Would you copy each line of the data below that has "with"?

= Beginning of Section =

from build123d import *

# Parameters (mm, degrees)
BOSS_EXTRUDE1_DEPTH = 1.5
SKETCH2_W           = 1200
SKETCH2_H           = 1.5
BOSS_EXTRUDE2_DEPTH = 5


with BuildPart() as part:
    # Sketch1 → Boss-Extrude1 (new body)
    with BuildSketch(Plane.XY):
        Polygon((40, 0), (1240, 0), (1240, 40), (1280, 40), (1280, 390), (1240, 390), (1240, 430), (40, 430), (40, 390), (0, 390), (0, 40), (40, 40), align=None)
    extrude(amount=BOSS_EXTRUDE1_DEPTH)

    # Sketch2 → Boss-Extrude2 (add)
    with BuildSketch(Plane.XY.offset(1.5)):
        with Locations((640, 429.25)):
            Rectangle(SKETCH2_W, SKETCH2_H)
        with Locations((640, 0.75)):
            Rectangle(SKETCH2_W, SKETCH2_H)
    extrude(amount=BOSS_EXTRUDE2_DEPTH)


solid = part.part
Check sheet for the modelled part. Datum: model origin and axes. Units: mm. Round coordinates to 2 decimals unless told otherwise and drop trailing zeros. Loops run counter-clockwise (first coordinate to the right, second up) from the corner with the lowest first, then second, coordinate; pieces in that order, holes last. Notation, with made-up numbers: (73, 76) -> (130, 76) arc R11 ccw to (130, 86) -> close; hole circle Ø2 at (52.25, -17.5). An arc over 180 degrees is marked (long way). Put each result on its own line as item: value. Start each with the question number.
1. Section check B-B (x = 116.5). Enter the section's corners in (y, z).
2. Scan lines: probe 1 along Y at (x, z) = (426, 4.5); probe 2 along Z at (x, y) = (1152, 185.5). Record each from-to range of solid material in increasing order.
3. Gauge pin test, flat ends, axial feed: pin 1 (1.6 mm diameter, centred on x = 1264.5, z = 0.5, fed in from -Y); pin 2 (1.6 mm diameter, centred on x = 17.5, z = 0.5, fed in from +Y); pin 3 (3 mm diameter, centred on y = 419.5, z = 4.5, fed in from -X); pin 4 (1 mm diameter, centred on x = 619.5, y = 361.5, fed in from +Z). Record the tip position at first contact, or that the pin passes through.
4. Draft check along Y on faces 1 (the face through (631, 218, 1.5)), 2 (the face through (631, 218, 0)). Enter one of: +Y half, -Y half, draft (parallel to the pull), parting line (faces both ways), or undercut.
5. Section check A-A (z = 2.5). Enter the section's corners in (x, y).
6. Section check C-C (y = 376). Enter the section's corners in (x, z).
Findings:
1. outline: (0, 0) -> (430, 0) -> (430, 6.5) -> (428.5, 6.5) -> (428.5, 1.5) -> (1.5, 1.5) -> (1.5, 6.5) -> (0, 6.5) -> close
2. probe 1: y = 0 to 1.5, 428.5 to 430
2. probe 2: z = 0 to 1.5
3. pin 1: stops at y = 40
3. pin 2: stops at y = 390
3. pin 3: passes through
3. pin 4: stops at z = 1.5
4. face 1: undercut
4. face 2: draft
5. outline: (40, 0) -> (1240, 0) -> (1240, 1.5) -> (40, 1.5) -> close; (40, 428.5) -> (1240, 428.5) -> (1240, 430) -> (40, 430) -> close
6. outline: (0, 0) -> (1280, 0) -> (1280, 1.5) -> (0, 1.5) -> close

= End of Section =

__WRITTEN REPLY__:
with BuildPart() as part:
    with BuildSketch(Plane.XY):
    with BuildSketch(Plane.XY.offset(1.5)):
        with Locations((640, 429.25)):
        with Locations((640, 0.75)):
Check sheet for the modelled part. Datum: model origin and axes. Units: mm. Round coordinates to 2 decimals unless told otherwise and drop trailing zeros. Loops run counter-clockwise (first coordinate to the right, second up) from the corner with the lowest first, then second, coordinate; pieces in that order, holes last. Notation, with made-up numbers: (73, 76) -> (130, 76) arc R11 ccw to (130, 86) -> close; hole circle Ø2 at (52.25, -17.5). An arc over 180 degrees is marked (long way). Put each result on its own line as item: value. Start each with the question number.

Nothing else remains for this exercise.